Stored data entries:
★ ★ ★ ★ ★ ★ ★
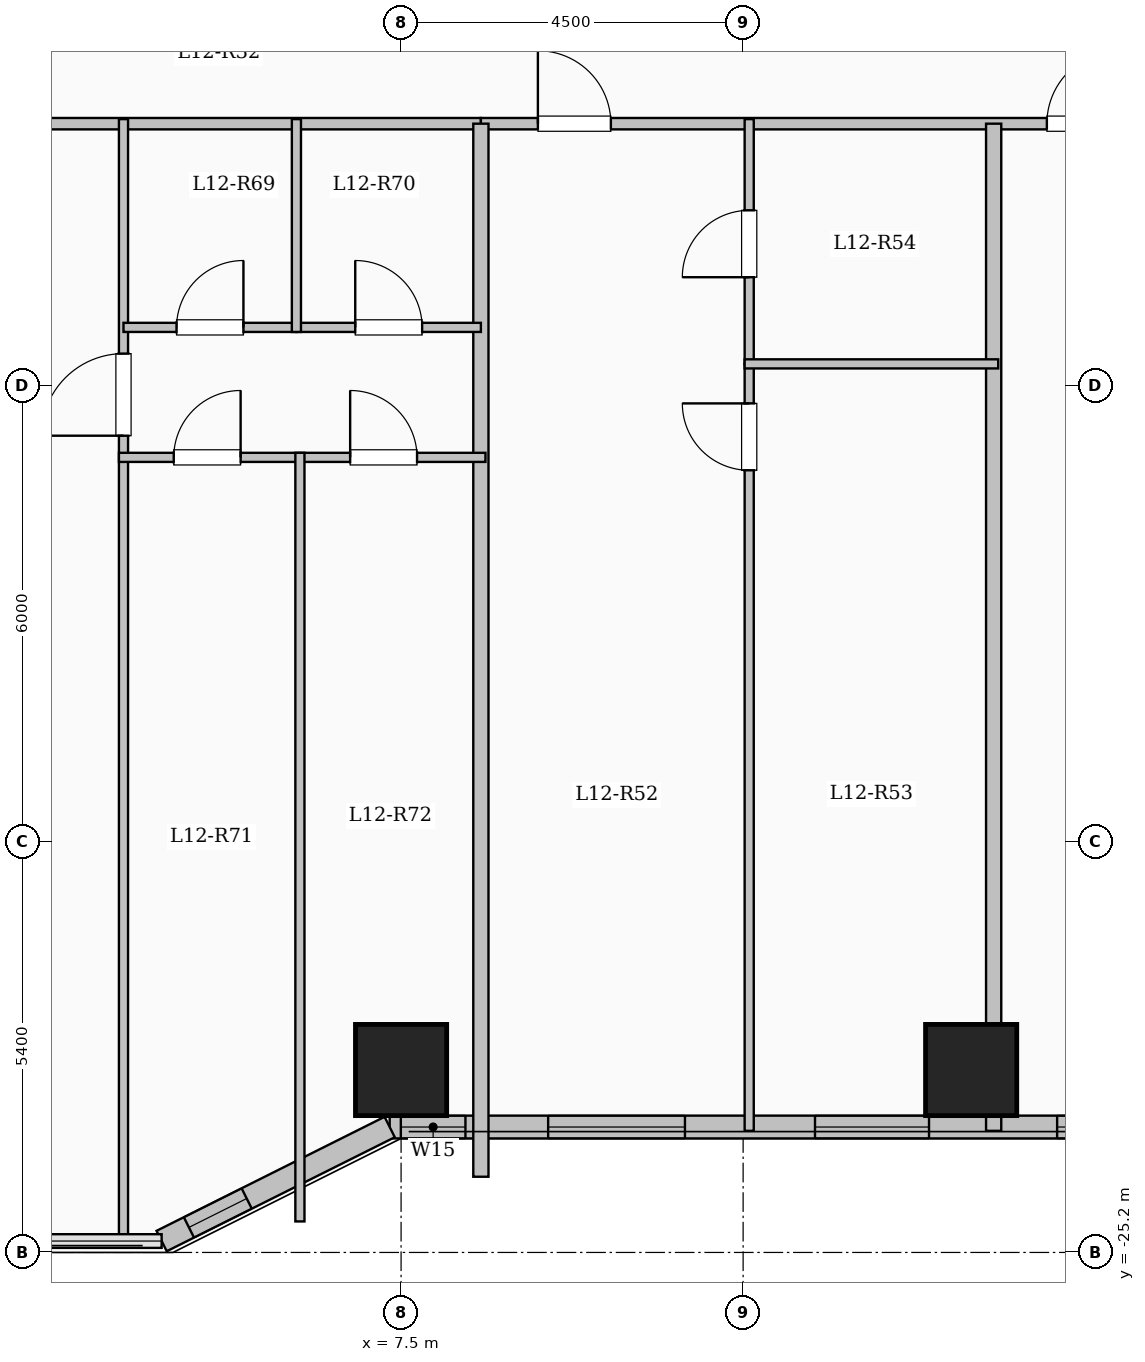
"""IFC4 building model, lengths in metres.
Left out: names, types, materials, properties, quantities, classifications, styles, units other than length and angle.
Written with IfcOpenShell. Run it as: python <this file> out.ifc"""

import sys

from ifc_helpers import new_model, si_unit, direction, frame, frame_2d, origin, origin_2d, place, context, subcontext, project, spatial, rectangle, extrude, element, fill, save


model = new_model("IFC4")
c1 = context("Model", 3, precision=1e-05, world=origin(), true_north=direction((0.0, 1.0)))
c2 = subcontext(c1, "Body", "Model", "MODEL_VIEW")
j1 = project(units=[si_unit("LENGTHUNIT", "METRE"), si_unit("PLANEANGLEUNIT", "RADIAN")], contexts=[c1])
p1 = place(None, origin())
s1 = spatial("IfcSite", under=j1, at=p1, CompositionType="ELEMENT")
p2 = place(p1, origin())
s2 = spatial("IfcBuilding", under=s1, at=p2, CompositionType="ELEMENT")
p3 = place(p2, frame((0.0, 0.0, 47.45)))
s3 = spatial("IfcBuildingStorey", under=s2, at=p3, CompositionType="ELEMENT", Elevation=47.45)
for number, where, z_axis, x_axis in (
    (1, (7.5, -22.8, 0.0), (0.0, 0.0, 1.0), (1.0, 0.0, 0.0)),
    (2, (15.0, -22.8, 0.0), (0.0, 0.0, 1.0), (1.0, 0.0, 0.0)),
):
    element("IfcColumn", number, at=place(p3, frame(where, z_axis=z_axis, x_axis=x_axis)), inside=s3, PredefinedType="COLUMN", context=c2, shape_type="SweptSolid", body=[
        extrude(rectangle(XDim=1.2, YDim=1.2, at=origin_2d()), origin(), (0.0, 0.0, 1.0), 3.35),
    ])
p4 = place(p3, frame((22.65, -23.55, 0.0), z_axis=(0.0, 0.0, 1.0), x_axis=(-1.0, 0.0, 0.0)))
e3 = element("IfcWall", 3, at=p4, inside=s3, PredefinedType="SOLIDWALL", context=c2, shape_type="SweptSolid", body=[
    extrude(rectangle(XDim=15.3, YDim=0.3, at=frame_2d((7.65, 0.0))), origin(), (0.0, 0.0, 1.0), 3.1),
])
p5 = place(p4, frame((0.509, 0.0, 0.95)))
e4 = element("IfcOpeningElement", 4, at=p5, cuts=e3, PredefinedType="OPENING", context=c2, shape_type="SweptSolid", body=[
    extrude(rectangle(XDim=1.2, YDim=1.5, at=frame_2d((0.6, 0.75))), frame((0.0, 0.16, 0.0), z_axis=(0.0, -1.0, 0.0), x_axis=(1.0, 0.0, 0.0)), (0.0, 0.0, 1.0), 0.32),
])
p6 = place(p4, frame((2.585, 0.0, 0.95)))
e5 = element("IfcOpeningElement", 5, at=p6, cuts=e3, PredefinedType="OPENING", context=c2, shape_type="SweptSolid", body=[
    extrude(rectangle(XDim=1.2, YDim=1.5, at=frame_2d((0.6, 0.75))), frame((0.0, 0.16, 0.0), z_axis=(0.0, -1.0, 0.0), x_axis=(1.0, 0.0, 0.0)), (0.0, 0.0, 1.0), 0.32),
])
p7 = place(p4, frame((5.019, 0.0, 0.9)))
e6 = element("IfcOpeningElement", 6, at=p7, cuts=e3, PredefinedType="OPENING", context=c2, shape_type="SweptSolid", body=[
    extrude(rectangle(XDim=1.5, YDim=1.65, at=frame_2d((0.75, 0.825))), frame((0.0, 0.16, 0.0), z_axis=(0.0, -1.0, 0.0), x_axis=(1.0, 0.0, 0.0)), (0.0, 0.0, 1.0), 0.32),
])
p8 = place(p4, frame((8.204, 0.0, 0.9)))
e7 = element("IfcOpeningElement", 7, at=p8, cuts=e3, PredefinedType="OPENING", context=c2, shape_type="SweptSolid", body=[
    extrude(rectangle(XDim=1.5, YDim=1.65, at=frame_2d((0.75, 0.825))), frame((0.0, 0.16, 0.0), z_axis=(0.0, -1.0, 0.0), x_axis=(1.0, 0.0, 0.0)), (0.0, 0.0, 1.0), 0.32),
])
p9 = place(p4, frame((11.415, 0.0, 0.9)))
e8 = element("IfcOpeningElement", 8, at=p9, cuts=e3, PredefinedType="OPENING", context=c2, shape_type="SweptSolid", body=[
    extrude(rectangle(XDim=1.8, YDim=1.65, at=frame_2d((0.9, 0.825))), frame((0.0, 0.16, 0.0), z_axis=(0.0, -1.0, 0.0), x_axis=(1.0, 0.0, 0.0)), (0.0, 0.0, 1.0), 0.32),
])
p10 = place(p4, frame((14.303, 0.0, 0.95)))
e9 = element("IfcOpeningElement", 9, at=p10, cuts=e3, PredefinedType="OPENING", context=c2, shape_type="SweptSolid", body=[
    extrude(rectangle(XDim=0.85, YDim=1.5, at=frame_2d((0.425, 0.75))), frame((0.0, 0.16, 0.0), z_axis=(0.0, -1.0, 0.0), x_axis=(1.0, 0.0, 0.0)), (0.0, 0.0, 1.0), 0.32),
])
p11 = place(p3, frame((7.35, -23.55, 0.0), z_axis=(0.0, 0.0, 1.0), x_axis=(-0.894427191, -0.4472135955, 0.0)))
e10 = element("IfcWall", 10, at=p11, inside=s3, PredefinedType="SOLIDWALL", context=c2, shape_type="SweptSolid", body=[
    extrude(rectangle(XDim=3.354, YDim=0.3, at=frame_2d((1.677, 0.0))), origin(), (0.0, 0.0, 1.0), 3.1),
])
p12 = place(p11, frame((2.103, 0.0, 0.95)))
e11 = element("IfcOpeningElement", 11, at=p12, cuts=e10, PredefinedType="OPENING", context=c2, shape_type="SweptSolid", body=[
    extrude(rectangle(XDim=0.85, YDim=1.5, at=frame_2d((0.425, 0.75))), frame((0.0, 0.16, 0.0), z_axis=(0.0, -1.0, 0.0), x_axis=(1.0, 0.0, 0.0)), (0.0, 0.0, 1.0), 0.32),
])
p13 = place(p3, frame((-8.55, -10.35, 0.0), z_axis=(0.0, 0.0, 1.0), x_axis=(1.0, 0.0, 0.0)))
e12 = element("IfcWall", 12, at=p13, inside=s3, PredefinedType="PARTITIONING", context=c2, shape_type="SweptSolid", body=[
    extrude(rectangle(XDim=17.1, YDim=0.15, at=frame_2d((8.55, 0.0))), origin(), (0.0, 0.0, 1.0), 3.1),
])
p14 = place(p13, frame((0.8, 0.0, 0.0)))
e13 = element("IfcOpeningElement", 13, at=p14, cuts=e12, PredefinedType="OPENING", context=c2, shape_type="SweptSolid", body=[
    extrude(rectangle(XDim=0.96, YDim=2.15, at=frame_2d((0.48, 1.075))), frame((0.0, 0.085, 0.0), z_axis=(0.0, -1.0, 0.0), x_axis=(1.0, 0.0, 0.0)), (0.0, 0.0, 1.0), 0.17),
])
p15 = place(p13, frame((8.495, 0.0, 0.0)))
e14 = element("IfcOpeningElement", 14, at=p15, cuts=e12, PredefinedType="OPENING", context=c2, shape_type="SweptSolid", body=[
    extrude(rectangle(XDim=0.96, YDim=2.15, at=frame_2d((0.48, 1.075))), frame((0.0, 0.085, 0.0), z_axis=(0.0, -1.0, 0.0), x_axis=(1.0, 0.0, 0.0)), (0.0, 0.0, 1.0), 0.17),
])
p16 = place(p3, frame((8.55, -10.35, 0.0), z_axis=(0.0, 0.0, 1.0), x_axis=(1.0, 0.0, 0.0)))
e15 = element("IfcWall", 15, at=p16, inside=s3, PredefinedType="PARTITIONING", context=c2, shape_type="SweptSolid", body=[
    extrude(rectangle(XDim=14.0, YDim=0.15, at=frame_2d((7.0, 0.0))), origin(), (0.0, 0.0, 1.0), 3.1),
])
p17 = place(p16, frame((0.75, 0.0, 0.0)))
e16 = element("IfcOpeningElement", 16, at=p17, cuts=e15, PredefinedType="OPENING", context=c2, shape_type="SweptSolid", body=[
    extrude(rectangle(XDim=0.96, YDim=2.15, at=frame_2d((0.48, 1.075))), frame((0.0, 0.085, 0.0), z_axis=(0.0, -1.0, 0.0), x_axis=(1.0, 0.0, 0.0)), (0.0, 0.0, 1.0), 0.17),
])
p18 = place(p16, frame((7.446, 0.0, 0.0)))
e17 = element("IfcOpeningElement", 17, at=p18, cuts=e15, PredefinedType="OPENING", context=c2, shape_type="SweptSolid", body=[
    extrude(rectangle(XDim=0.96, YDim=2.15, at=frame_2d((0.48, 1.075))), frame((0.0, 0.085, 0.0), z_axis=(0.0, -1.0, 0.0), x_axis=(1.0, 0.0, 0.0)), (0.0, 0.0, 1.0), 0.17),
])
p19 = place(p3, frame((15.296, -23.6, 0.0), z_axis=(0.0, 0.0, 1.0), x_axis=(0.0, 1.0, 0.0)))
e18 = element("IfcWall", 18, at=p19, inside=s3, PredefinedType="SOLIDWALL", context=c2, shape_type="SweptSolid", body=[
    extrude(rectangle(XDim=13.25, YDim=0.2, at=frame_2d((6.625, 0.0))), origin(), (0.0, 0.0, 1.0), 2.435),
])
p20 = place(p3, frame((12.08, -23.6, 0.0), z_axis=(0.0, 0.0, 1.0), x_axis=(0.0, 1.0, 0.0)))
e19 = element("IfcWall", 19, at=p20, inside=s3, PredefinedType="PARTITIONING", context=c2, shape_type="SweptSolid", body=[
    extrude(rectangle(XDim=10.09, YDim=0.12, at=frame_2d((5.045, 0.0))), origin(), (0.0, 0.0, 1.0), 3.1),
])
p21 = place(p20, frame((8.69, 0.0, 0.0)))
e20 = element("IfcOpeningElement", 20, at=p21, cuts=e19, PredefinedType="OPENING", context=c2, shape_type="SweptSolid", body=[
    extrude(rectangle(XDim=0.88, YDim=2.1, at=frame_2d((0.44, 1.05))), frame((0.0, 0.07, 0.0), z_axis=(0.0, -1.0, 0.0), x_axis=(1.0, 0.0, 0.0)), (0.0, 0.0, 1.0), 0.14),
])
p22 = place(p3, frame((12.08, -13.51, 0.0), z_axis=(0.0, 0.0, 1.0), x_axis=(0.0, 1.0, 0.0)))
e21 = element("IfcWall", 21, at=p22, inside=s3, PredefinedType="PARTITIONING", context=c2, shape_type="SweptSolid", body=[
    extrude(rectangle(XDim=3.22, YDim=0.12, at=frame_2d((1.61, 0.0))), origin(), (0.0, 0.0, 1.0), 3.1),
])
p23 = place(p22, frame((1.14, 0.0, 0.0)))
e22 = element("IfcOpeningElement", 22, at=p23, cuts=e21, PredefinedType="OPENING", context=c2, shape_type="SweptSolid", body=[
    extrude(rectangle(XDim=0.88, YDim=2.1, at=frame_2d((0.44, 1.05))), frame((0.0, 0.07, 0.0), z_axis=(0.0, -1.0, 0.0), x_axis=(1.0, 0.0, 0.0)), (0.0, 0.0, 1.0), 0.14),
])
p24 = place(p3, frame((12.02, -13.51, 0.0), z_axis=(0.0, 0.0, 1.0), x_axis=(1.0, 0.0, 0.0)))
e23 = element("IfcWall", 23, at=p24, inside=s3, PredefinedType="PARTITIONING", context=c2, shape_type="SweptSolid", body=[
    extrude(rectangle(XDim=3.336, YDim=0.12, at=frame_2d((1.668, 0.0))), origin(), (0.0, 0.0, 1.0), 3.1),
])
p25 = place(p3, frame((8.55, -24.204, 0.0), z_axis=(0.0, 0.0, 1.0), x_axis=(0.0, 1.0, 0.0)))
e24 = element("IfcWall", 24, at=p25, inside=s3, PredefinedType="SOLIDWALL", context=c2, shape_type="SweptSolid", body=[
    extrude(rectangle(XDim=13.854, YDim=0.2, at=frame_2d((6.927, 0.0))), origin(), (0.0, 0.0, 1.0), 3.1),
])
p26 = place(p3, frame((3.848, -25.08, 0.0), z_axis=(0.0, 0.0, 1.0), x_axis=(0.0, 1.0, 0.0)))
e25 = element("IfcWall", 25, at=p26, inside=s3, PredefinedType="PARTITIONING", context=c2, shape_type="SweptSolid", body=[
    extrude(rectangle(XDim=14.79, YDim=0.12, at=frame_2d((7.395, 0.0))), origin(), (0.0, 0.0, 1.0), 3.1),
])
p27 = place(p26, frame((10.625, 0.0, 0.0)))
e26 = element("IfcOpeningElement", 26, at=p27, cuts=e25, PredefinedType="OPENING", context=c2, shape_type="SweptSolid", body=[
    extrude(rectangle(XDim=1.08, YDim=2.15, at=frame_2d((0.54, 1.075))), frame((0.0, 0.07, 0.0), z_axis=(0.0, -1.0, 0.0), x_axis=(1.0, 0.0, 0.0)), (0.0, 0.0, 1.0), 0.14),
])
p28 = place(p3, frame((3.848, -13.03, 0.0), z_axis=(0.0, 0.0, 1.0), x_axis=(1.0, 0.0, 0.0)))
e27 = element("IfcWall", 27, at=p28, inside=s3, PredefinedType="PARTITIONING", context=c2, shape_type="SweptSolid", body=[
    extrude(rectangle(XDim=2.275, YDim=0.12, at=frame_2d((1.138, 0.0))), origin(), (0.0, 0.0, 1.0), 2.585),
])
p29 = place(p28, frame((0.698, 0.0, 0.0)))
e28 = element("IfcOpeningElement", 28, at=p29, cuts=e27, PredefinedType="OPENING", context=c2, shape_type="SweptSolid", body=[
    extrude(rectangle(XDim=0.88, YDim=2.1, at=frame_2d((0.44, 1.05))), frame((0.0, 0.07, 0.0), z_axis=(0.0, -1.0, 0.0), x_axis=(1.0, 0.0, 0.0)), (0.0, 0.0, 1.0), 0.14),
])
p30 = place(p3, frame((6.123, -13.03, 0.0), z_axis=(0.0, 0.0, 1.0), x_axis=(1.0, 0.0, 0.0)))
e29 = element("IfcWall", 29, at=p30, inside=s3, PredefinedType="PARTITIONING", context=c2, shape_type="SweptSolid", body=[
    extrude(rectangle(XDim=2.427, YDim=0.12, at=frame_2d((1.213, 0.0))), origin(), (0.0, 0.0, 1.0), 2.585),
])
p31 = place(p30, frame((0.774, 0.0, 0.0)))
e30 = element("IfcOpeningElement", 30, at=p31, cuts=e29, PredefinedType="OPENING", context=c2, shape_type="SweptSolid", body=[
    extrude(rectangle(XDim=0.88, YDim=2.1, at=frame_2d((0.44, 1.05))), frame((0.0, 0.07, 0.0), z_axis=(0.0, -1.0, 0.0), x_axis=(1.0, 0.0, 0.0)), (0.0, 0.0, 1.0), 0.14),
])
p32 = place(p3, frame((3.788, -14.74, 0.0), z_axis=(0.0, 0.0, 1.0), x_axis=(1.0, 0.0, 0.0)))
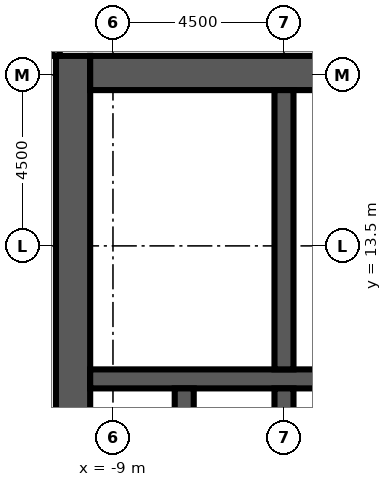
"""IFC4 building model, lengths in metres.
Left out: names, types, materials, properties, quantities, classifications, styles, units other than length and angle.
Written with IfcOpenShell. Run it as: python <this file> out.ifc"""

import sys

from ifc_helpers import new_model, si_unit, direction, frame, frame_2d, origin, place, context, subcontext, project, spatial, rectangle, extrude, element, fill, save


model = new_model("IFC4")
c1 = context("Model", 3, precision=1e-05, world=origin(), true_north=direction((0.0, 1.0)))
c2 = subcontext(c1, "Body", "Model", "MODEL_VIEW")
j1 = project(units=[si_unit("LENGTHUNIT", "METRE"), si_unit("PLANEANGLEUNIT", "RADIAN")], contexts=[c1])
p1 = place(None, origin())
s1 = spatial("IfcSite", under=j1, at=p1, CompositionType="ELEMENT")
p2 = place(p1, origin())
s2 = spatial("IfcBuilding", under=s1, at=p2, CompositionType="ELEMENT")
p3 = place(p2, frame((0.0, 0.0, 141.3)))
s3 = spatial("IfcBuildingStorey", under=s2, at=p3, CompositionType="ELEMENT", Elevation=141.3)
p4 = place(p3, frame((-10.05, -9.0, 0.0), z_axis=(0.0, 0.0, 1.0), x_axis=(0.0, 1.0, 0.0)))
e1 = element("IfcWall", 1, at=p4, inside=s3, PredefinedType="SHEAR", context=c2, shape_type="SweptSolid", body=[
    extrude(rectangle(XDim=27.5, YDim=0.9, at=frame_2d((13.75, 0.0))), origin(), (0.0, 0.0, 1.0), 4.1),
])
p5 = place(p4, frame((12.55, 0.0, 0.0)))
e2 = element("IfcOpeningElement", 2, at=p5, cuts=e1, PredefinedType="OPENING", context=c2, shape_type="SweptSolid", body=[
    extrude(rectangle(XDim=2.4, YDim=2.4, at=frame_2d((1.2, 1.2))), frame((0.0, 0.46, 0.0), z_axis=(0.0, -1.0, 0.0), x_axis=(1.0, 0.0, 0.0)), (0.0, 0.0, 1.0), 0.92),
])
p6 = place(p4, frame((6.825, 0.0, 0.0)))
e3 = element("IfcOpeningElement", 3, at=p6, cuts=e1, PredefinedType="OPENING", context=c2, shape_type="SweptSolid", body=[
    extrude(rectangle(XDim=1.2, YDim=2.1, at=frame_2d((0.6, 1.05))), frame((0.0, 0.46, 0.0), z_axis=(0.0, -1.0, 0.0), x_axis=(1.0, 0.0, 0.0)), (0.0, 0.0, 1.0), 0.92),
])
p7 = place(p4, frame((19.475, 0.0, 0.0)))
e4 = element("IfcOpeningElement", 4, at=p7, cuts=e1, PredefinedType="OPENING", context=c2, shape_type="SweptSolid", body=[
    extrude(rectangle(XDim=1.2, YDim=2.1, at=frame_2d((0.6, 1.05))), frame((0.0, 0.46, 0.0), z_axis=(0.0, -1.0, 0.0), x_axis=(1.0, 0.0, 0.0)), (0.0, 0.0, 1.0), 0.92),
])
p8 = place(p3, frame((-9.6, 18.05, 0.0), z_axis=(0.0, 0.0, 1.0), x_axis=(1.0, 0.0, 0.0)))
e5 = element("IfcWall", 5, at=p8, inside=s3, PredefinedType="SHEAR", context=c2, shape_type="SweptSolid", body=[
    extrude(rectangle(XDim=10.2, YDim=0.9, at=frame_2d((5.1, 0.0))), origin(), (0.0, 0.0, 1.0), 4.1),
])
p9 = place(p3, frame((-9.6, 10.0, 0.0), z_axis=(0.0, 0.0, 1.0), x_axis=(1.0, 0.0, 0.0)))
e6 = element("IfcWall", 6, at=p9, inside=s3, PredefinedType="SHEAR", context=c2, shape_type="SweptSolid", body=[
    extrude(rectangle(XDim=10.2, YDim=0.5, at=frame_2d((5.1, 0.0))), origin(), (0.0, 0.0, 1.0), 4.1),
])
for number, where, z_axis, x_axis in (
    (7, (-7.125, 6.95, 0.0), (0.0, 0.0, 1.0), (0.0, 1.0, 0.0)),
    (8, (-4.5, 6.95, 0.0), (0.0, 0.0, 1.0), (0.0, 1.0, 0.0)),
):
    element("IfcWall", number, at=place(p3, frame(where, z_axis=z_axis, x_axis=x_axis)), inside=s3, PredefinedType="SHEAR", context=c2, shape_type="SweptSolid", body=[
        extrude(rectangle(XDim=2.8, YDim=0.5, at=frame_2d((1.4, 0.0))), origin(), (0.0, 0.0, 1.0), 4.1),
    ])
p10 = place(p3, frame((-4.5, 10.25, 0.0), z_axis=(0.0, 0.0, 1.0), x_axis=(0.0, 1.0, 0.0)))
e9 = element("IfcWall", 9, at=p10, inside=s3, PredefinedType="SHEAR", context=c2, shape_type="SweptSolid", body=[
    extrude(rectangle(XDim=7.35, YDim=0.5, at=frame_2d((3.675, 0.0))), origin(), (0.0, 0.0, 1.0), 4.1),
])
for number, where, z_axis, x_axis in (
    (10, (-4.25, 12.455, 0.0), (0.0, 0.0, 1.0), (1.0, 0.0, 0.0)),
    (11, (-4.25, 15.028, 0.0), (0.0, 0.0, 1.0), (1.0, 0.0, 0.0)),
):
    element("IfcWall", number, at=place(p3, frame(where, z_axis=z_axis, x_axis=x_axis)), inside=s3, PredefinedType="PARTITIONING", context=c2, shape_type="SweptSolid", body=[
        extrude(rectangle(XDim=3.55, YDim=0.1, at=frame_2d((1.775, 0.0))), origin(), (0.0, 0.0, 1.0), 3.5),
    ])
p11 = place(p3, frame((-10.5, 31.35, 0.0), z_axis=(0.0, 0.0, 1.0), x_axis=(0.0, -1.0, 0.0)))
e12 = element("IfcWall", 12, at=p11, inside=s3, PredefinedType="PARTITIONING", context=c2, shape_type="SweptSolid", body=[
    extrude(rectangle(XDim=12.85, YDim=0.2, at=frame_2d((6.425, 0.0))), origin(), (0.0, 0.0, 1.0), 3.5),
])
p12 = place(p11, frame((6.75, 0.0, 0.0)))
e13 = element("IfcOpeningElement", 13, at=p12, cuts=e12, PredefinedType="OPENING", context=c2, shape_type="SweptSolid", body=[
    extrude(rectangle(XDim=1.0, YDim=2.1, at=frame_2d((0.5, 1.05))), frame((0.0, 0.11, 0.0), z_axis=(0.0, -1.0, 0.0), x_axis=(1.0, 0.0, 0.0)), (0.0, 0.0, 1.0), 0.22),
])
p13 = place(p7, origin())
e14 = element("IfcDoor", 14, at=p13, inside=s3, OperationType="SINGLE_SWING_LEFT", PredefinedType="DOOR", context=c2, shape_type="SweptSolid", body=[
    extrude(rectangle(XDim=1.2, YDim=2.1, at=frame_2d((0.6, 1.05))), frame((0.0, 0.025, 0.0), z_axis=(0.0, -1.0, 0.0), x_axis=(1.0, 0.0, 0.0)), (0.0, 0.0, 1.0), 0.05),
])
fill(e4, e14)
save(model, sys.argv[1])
★ ★ ★ ★ ★ ★ ★
# WORK TASK:
Read through the data and copy every line where "direction" shows up.

# REPLY TO THE EXERCISE:
from ifc_helpers import new_model, si_unit, direction, frame, frame_2d, origin, origin_2d, place, context, subcontext, project, spatial, rectangle, extrude, element, fill, save
c1 = context("Model", 3, precision=1e-05, world=origin(), true_north=direction((0.0, 1.0)))
from ifc_helpers import new_model, si_unit, direction, frame, frame_2d, origin, place, context, subcontext, project, spatial, rectangle, extrude, element, fill, save
c1 = context("Model", 3, precision=1e-05, world=origin(), true_north=direction((0.0, 1.0)))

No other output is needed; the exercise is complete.